- _Problem details_:
Go over the data and keep only the lines that include "OPENING".

- _Provided data_:
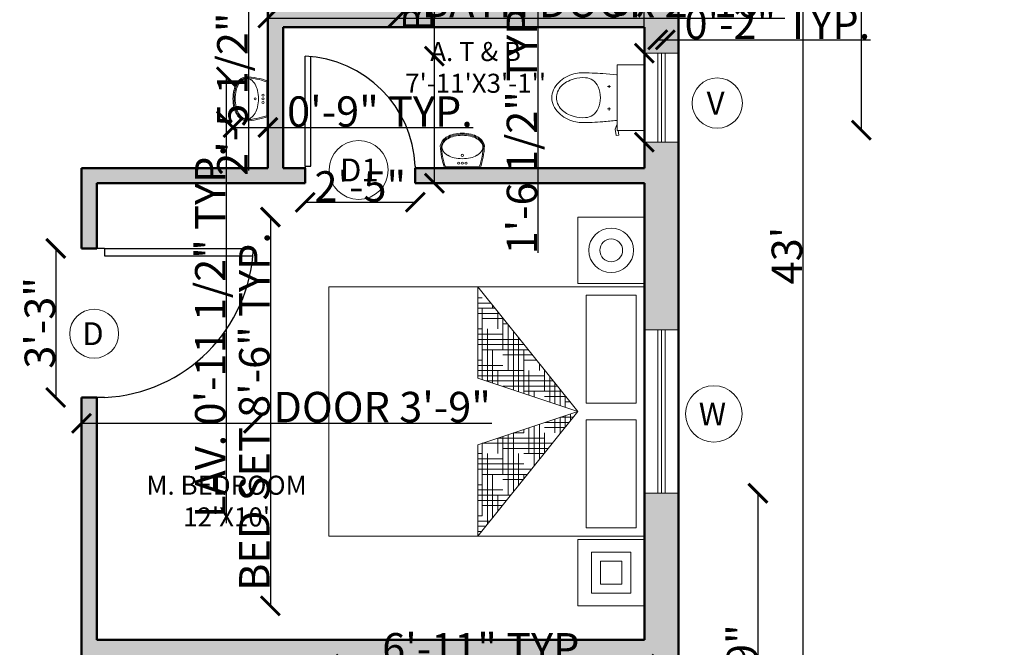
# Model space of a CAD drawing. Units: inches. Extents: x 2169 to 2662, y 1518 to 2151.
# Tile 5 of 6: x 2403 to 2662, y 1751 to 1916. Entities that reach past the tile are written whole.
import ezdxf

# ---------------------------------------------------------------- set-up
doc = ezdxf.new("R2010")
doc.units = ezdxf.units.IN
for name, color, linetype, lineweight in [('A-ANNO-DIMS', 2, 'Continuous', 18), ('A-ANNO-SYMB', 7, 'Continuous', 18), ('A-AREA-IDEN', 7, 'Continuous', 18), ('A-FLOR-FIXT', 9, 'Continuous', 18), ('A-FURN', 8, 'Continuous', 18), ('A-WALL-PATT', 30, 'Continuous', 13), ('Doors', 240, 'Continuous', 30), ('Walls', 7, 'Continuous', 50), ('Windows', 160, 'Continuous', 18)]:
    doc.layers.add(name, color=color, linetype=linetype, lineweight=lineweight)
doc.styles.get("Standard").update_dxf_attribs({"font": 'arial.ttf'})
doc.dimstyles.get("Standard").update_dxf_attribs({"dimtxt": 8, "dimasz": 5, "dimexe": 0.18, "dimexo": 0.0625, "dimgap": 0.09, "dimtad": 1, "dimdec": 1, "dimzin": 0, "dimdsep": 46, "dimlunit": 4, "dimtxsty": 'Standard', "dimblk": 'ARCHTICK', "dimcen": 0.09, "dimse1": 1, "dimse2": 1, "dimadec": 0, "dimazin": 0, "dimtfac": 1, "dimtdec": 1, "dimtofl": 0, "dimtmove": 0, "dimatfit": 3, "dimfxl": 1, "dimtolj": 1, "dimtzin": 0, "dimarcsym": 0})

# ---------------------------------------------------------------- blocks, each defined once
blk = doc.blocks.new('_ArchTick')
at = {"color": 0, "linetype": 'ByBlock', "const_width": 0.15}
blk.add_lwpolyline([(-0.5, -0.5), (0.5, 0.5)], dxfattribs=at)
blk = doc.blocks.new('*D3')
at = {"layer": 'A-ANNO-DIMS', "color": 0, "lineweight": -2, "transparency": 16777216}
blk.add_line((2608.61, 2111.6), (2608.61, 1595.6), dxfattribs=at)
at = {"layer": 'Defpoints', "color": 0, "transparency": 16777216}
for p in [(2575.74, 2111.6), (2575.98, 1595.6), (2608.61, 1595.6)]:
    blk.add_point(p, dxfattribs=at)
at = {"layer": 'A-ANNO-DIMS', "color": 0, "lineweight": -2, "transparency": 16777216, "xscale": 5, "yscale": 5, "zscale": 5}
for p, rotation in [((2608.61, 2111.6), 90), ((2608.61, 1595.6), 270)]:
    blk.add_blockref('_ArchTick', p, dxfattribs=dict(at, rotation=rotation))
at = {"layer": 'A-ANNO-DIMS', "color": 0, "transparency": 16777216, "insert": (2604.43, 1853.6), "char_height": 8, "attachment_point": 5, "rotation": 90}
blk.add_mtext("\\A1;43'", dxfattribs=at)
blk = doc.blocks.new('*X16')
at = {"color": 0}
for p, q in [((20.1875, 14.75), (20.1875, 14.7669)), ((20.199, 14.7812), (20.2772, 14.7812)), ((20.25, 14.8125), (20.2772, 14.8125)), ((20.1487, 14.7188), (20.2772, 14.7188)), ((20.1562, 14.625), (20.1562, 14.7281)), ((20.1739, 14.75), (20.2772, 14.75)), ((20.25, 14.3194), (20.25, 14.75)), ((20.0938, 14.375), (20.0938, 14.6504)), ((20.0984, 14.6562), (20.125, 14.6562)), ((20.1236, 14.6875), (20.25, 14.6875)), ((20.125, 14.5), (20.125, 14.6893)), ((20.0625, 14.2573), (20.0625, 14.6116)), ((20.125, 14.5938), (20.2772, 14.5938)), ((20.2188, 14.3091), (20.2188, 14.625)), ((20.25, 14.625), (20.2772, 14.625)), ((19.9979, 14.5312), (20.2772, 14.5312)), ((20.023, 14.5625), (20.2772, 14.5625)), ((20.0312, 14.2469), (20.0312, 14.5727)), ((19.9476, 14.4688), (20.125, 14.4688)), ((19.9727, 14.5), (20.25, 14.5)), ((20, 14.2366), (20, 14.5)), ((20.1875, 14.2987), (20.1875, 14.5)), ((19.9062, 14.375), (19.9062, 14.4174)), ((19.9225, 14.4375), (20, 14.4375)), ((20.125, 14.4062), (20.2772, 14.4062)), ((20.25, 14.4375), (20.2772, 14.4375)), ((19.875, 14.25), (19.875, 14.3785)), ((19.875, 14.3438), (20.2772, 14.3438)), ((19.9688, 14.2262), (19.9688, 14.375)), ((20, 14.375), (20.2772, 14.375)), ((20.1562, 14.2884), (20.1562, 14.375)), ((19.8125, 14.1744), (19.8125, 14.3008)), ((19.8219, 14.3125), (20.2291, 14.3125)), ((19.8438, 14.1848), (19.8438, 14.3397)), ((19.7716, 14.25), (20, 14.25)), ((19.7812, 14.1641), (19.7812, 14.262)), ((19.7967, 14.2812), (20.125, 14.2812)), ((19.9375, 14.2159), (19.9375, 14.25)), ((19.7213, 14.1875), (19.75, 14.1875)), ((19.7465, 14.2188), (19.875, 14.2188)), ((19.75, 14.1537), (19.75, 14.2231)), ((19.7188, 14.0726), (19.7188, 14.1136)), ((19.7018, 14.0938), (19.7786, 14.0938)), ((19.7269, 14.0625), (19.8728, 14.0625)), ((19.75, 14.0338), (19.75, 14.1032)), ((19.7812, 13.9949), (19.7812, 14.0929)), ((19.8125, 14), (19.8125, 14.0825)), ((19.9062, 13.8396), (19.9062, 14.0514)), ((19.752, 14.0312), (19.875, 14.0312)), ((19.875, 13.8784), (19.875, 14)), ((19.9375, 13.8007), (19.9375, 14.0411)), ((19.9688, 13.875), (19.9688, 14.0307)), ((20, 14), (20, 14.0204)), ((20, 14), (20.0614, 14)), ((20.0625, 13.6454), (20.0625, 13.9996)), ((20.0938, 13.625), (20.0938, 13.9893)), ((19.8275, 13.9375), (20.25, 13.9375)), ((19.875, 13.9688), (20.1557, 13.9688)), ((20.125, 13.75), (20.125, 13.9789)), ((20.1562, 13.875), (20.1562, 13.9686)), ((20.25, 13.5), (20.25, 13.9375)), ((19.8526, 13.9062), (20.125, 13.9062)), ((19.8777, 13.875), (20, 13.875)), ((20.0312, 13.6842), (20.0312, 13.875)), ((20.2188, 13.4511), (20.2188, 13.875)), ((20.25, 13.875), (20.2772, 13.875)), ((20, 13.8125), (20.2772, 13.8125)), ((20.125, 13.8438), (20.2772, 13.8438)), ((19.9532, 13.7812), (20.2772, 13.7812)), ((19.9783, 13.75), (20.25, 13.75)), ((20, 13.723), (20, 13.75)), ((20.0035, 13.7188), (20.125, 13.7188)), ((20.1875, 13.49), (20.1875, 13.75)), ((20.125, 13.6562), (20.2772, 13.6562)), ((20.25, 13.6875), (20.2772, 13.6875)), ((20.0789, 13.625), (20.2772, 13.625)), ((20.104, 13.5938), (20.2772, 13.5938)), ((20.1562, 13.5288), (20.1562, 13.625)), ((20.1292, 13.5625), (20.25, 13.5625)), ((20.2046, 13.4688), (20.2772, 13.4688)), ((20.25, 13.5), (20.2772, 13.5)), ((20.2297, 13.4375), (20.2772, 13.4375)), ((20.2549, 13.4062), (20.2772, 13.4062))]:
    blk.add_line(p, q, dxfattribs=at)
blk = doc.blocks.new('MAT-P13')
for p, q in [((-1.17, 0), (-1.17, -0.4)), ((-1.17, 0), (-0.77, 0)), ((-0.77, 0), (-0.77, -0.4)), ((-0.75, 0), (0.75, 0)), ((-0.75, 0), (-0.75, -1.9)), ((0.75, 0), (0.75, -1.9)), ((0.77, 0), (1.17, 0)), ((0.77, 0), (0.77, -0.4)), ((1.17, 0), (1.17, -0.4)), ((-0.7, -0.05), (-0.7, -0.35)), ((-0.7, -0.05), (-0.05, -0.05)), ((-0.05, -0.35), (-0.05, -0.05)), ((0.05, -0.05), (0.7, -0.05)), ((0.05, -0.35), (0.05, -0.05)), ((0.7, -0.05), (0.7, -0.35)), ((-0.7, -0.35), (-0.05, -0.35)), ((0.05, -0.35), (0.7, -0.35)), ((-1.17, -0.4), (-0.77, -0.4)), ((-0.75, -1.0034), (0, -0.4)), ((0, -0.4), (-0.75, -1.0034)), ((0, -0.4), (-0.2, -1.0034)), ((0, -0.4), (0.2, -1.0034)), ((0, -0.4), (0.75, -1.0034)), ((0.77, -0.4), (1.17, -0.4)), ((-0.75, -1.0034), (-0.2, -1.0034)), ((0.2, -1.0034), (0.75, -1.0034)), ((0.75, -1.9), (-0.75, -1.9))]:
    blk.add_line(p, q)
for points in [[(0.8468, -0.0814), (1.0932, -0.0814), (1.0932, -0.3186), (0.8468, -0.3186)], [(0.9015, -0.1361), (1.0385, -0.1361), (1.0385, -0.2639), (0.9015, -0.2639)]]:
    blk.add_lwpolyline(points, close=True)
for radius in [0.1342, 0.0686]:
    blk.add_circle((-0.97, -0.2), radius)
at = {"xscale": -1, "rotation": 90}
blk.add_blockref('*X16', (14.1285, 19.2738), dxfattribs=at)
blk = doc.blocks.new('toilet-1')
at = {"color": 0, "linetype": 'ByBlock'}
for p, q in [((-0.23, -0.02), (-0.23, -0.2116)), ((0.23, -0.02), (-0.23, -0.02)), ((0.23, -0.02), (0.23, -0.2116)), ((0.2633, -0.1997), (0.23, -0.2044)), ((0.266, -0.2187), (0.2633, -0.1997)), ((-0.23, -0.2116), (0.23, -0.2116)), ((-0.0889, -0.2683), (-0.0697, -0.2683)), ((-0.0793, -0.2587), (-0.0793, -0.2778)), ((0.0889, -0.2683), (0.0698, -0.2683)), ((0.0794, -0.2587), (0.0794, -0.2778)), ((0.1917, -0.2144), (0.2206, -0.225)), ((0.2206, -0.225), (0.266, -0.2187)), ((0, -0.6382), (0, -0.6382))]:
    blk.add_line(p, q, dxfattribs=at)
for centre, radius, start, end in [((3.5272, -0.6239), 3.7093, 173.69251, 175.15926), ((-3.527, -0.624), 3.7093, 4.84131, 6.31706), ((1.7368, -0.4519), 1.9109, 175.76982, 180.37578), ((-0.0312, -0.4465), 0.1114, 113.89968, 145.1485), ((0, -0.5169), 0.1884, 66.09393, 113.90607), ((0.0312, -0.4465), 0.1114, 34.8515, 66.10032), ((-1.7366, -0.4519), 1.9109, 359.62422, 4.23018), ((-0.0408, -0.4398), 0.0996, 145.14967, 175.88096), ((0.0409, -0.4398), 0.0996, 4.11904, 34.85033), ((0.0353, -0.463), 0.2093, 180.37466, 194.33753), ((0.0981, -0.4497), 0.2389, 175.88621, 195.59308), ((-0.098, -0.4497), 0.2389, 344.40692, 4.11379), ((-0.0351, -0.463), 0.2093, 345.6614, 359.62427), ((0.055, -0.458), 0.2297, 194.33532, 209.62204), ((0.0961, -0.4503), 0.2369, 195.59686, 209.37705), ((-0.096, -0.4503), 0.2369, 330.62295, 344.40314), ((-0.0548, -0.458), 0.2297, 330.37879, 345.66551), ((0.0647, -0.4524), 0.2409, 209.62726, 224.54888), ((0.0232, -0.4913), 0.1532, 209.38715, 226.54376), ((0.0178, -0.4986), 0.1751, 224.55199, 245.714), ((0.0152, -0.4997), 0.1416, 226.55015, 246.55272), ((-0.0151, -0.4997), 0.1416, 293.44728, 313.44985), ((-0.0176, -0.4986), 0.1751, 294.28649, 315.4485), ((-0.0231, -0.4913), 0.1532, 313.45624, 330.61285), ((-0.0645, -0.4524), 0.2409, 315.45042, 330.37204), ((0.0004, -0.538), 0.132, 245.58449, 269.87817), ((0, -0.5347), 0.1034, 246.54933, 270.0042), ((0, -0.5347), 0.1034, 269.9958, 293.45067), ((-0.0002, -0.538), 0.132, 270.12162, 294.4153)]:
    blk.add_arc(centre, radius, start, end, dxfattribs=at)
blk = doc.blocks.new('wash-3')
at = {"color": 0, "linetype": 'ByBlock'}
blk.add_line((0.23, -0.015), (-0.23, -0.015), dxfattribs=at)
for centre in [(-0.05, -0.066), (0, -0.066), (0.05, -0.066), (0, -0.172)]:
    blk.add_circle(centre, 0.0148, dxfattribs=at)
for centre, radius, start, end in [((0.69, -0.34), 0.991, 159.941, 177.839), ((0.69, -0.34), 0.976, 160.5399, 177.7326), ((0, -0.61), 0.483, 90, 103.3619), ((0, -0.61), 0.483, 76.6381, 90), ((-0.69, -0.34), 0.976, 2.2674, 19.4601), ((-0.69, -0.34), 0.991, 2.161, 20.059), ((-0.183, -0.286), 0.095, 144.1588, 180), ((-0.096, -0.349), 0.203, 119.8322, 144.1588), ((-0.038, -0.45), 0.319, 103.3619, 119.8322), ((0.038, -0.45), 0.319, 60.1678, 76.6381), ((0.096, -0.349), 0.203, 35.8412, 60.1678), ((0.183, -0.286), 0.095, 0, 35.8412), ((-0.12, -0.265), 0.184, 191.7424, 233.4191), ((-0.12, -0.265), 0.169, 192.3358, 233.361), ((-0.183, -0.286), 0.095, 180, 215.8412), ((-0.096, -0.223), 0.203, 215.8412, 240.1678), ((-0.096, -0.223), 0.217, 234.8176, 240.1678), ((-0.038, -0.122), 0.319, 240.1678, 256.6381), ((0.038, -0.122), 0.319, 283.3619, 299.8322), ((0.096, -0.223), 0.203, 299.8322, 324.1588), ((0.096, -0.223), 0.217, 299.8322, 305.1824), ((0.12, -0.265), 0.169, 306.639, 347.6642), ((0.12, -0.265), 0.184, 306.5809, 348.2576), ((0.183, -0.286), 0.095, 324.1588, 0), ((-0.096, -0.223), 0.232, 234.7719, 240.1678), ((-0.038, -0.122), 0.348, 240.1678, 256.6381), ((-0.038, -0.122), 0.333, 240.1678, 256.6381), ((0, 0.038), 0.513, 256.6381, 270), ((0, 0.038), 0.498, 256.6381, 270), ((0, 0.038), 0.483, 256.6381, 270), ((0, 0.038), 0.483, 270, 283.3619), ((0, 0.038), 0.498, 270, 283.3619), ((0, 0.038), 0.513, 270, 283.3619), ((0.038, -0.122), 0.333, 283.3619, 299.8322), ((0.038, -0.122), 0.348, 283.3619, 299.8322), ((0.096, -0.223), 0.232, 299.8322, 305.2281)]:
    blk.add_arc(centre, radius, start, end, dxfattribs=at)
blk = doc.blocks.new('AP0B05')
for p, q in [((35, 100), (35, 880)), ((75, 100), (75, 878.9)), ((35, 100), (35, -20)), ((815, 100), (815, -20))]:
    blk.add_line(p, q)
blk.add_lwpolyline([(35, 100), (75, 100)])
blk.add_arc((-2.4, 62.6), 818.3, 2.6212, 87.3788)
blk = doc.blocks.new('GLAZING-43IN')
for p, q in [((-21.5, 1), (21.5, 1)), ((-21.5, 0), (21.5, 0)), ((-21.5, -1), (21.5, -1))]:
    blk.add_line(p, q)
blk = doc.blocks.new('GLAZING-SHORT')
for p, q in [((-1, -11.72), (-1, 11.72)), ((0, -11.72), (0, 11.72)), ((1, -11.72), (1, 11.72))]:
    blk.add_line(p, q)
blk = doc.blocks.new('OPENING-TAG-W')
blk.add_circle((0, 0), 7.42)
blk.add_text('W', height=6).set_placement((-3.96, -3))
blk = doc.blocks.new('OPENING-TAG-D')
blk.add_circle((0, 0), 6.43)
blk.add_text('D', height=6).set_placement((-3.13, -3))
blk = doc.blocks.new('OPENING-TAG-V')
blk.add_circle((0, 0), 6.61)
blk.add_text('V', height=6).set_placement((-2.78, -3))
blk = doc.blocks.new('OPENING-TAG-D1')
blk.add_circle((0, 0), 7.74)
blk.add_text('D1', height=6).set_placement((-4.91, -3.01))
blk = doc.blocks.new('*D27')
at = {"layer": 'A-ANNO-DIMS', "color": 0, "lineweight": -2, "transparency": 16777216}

- _Answer to the problem_:
blk = doc.blocks.new('OPENING-TAG-W')
blk = doc.blocks.new('OPENING-TAG-D')
blk = doc.blocks.new('OPENING-TAG-V')
blk = doc.blocks.new('OPENING-TAG-D1')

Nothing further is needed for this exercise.